- _What needs to be done_
An exact copy of the lines, starting at the top of the listing and ending with the line that has "p5 = place(p4, frame((5.364, 0.0, 0.15)))", is the required answer. Pictures are not part of it.
►
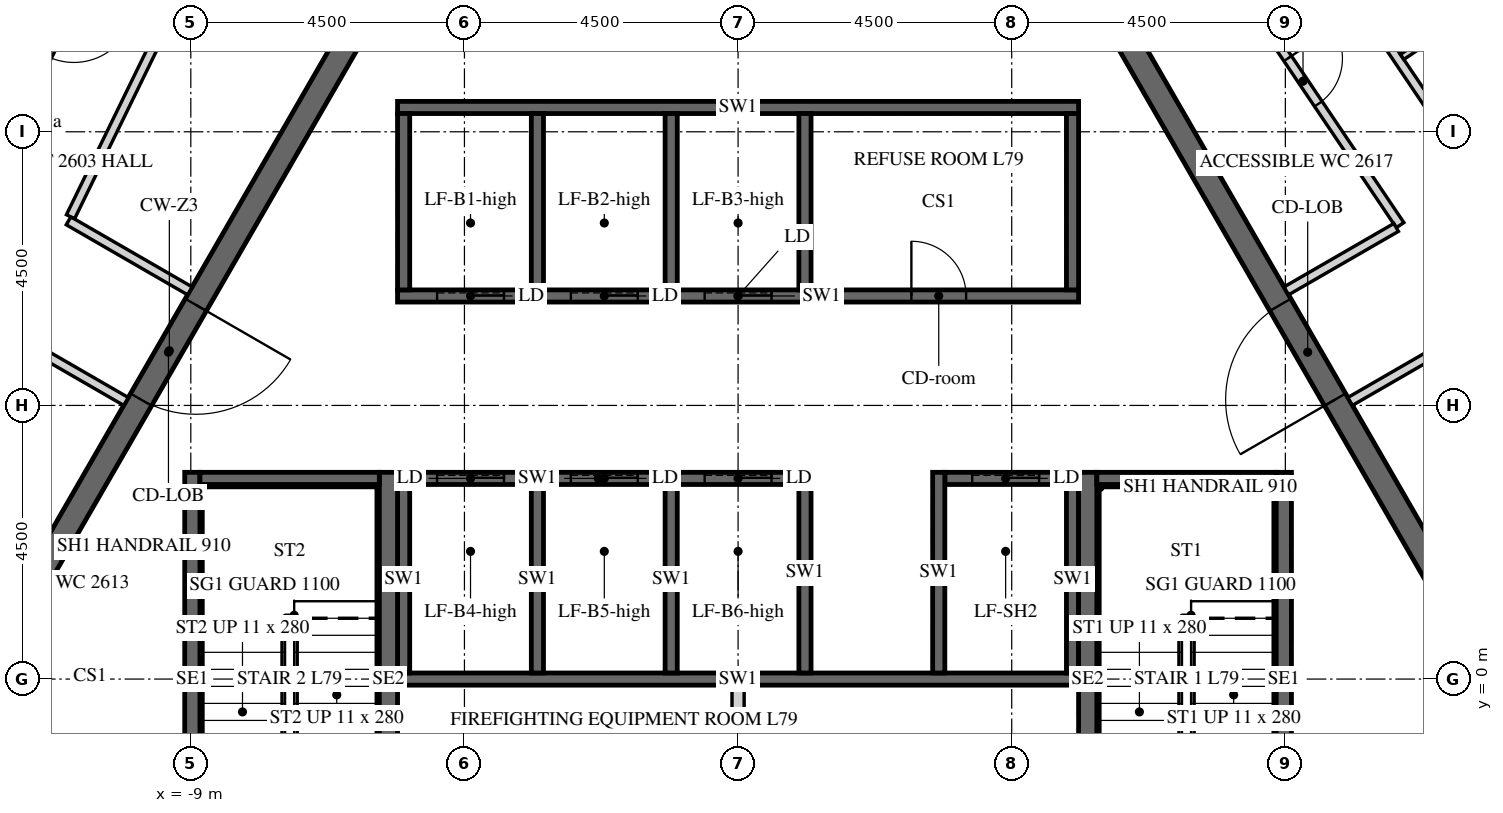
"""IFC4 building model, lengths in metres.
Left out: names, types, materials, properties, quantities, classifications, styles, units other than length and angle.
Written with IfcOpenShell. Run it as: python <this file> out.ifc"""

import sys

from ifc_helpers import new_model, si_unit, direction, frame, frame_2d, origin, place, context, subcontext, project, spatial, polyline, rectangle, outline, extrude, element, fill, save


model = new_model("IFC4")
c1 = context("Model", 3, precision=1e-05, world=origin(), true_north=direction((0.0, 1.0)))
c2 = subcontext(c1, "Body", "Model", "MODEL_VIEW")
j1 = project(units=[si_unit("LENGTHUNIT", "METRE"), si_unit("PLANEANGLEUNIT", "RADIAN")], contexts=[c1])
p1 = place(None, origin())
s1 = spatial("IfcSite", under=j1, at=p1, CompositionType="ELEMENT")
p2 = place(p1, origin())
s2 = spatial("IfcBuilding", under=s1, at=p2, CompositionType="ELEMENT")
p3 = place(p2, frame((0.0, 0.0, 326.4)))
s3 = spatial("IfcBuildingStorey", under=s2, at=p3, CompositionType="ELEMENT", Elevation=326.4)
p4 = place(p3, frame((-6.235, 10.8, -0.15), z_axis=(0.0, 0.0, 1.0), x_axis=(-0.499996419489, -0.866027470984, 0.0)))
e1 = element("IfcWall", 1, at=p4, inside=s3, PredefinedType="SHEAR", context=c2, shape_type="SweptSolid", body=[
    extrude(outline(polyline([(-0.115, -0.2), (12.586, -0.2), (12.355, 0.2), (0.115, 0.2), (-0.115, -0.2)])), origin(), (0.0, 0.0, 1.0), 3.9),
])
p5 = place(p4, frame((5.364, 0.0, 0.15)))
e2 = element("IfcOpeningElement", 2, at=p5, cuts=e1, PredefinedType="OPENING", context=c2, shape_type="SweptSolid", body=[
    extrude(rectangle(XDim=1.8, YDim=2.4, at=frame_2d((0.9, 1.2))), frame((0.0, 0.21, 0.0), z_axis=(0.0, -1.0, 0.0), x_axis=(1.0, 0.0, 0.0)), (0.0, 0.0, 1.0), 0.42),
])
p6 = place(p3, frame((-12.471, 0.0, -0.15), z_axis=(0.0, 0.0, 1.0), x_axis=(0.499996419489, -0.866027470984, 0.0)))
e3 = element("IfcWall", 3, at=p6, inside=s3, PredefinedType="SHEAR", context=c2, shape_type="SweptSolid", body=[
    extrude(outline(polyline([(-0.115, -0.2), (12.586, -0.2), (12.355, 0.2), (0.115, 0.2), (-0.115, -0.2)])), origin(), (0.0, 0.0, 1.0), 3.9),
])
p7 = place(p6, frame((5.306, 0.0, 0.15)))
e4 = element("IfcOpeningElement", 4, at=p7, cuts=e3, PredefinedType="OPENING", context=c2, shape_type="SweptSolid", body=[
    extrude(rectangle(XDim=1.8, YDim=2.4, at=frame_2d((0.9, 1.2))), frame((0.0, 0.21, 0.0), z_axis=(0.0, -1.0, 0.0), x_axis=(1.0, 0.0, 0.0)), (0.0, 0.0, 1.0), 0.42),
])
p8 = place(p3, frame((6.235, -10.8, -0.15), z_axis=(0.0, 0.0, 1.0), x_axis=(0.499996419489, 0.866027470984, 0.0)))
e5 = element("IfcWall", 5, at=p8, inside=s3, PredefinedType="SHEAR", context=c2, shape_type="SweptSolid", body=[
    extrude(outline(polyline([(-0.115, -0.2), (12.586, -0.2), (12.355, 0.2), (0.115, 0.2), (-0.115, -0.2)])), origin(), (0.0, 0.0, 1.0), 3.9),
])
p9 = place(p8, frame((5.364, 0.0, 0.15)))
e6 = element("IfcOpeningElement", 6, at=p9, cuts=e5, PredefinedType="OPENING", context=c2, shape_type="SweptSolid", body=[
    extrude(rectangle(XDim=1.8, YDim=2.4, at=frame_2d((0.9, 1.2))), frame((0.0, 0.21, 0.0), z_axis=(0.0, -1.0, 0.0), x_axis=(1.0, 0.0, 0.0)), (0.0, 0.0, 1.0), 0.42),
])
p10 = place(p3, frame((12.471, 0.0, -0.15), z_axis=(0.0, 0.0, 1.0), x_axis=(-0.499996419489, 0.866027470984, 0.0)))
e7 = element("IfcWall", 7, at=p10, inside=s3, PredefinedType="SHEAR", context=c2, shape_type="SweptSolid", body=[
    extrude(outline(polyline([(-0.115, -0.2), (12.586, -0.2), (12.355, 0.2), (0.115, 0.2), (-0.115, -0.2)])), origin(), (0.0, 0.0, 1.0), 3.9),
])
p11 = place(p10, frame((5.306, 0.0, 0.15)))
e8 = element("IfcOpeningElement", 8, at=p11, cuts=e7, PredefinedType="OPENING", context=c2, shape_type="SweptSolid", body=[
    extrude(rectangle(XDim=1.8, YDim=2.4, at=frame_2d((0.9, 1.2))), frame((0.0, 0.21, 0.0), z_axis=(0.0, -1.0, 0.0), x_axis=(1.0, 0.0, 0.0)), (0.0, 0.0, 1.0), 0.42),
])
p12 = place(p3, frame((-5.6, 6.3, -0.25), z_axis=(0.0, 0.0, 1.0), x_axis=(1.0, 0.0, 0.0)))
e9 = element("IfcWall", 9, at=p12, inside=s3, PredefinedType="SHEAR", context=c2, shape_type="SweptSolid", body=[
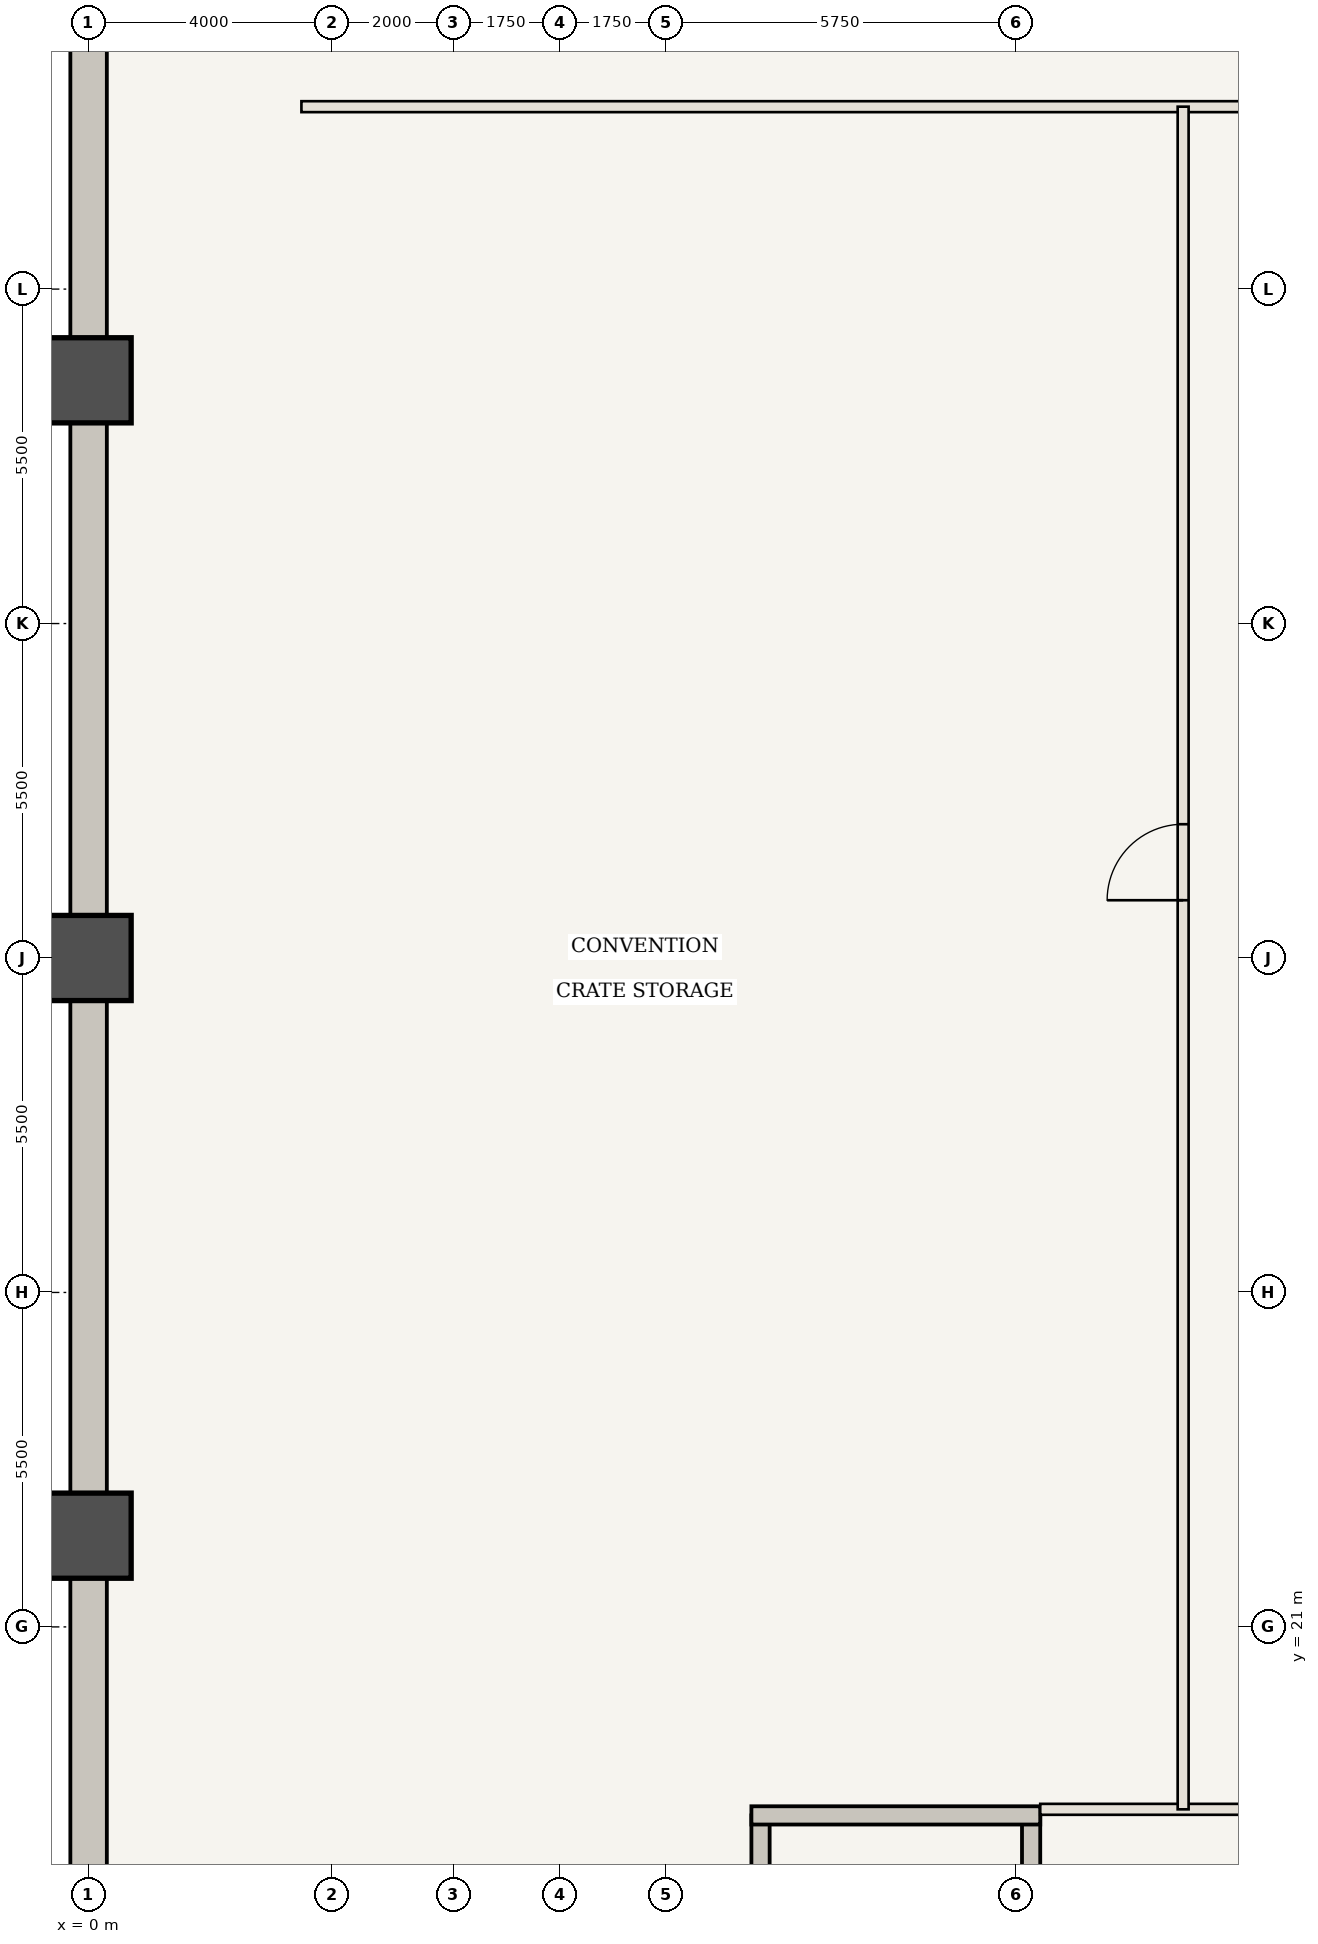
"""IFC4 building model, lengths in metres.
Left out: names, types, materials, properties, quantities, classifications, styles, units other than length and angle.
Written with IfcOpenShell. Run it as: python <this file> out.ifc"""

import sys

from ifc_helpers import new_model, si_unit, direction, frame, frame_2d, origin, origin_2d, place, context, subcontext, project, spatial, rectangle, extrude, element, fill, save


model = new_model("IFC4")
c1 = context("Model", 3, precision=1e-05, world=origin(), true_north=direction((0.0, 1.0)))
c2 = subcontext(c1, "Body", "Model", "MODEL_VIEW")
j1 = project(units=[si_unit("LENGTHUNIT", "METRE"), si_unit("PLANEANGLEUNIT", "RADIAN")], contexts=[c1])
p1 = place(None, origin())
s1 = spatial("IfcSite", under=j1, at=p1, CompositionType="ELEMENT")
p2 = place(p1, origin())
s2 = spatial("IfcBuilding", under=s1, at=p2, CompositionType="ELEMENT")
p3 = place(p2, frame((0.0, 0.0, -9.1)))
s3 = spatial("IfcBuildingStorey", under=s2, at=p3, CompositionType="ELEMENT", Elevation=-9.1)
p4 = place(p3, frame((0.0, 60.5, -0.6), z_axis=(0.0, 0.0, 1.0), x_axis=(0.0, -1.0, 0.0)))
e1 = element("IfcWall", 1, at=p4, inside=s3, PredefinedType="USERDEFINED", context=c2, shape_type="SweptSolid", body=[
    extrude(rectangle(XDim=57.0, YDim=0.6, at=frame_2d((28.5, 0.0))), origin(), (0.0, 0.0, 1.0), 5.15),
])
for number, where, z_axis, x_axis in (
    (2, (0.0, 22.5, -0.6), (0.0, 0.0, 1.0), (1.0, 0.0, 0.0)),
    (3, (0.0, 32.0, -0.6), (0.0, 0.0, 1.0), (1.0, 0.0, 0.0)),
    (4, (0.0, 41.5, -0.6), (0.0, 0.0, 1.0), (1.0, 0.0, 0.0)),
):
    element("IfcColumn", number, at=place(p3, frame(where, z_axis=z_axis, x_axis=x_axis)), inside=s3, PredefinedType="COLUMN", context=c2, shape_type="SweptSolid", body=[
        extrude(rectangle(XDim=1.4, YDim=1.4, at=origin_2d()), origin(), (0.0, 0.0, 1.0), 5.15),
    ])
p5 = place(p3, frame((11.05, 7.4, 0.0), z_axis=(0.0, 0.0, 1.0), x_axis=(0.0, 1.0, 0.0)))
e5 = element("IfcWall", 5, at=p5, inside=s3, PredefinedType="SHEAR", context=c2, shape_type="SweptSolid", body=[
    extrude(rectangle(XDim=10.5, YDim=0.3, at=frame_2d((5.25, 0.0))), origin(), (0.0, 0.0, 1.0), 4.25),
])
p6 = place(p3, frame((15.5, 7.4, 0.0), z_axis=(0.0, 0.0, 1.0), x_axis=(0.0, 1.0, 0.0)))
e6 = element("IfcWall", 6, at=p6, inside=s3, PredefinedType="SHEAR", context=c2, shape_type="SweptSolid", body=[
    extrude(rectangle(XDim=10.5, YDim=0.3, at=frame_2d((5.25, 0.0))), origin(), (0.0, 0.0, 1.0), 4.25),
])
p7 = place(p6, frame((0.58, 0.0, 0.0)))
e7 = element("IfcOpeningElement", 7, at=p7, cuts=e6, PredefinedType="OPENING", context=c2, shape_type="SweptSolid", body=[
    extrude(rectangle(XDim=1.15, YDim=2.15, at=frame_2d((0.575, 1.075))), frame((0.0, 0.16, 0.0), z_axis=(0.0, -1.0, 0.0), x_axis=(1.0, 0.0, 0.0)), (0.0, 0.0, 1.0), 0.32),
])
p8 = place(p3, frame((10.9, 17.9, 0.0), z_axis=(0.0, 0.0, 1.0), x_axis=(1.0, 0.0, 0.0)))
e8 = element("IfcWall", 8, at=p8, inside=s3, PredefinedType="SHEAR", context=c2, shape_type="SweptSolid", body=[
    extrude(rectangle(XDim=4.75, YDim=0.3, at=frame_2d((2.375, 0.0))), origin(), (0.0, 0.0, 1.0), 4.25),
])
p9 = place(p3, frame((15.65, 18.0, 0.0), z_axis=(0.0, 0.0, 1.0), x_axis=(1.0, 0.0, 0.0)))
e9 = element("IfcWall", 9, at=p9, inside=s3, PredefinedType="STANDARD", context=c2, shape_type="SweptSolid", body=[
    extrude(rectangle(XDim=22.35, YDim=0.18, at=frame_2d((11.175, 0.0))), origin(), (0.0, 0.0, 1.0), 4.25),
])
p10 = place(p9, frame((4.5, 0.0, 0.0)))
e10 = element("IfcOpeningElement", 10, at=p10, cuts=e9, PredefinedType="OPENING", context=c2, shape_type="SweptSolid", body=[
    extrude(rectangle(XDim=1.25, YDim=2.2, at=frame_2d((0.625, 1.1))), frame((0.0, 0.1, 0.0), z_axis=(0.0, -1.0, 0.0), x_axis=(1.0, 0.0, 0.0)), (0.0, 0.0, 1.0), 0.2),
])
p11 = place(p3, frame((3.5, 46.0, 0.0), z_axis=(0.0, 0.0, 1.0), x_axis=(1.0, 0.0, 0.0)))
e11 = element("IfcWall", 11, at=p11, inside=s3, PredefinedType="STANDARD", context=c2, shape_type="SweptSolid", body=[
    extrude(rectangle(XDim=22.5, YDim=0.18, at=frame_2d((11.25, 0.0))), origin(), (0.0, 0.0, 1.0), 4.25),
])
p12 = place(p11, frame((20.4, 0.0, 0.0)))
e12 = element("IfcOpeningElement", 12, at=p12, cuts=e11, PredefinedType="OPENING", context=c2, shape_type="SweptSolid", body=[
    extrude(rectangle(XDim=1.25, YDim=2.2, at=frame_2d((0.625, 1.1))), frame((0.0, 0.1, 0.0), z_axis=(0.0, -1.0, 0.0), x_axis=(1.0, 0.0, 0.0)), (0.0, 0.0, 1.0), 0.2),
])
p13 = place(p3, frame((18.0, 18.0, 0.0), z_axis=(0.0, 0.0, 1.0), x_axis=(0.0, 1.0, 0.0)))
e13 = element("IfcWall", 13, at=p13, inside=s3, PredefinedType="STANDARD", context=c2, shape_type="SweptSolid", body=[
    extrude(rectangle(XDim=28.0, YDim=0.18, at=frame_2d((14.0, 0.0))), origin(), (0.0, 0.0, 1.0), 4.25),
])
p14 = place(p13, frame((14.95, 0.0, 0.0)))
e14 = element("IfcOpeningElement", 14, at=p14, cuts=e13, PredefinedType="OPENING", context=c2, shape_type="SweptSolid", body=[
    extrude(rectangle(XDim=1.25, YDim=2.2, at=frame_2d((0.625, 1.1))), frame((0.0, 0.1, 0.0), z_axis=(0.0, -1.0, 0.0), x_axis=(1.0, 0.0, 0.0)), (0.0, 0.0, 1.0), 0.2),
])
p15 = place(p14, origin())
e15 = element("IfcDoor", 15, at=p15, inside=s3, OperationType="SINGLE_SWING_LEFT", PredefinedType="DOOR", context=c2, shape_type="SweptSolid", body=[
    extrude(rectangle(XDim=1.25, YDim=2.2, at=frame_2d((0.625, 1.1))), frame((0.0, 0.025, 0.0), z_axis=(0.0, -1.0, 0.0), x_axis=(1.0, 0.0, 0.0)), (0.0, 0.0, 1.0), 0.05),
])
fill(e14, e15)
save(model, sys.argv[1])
◄
- _Result for this task_
"""IFC4 building model, lengths in metres.
Left out: names, types, materials, properties, quantities, classifications, styles, units other than length and angle.
Written with IfcOpenShell. Run it as: python <this file> out.ifc"""

import sys

from ifc_helpers import new_model, si_unit, direction, frame, frame_2d, origin, place, context, subcontext, project, spatial, polyline, rectangle, outline, extrude, element, fill, save


model = new_model("IFC4")
c1 = context("Model", 3, precision=1e-05, world=origin(), true_north=direction((0.0, 1.0)))
c2 = subcontext(c1, "Body", "Model", "MODEL_VIEW")
j1 = project(units=[si_unit("LENGTHUNIT", "METRE"), si_unit("PLANEANGLEUNIT", "RADIAN")], contexts=[c1])
p1 = place(None, origin())
s1 = spatial("IfcSite", under=j1, at=p1, CompositionType="ELEMENT")
p2 = place(p1, origin())
s2 = spatial("IfcBuilding", under=s1, at=p2, CompositionType="ELEMENT")
p3 = place(p2, frame((0.0, 0.0, 326.4)))
s3 = spatial("IfcBuildingStorey", under=s2, at=p3, CompositionType="ELEMENT", Elevation=326.4)
p4 = place(p3, frame((-6.235, 10.8, -0.15), z_axis=(0.0, 0.0, 1.0), x_axis=(-0.499996419489, -0.866027470984, 0.0)))
e1 = element("IfcWall", 1, at=p4, inside=s3, PredefinedType="SHEAR", context=c2, shape_type="SweptSolid", body=[
    extrude(outline(polyline([(-0.115, -0.2), (12.586, -0.2), (12.355, 0.2), (0.115, 0.2), (-0.115, -0.2)])), origin(), (0.0, 0.0, 1.0), 3.9),
])
p5 = place(p4, frame((5.364, 0.0, 0.15)))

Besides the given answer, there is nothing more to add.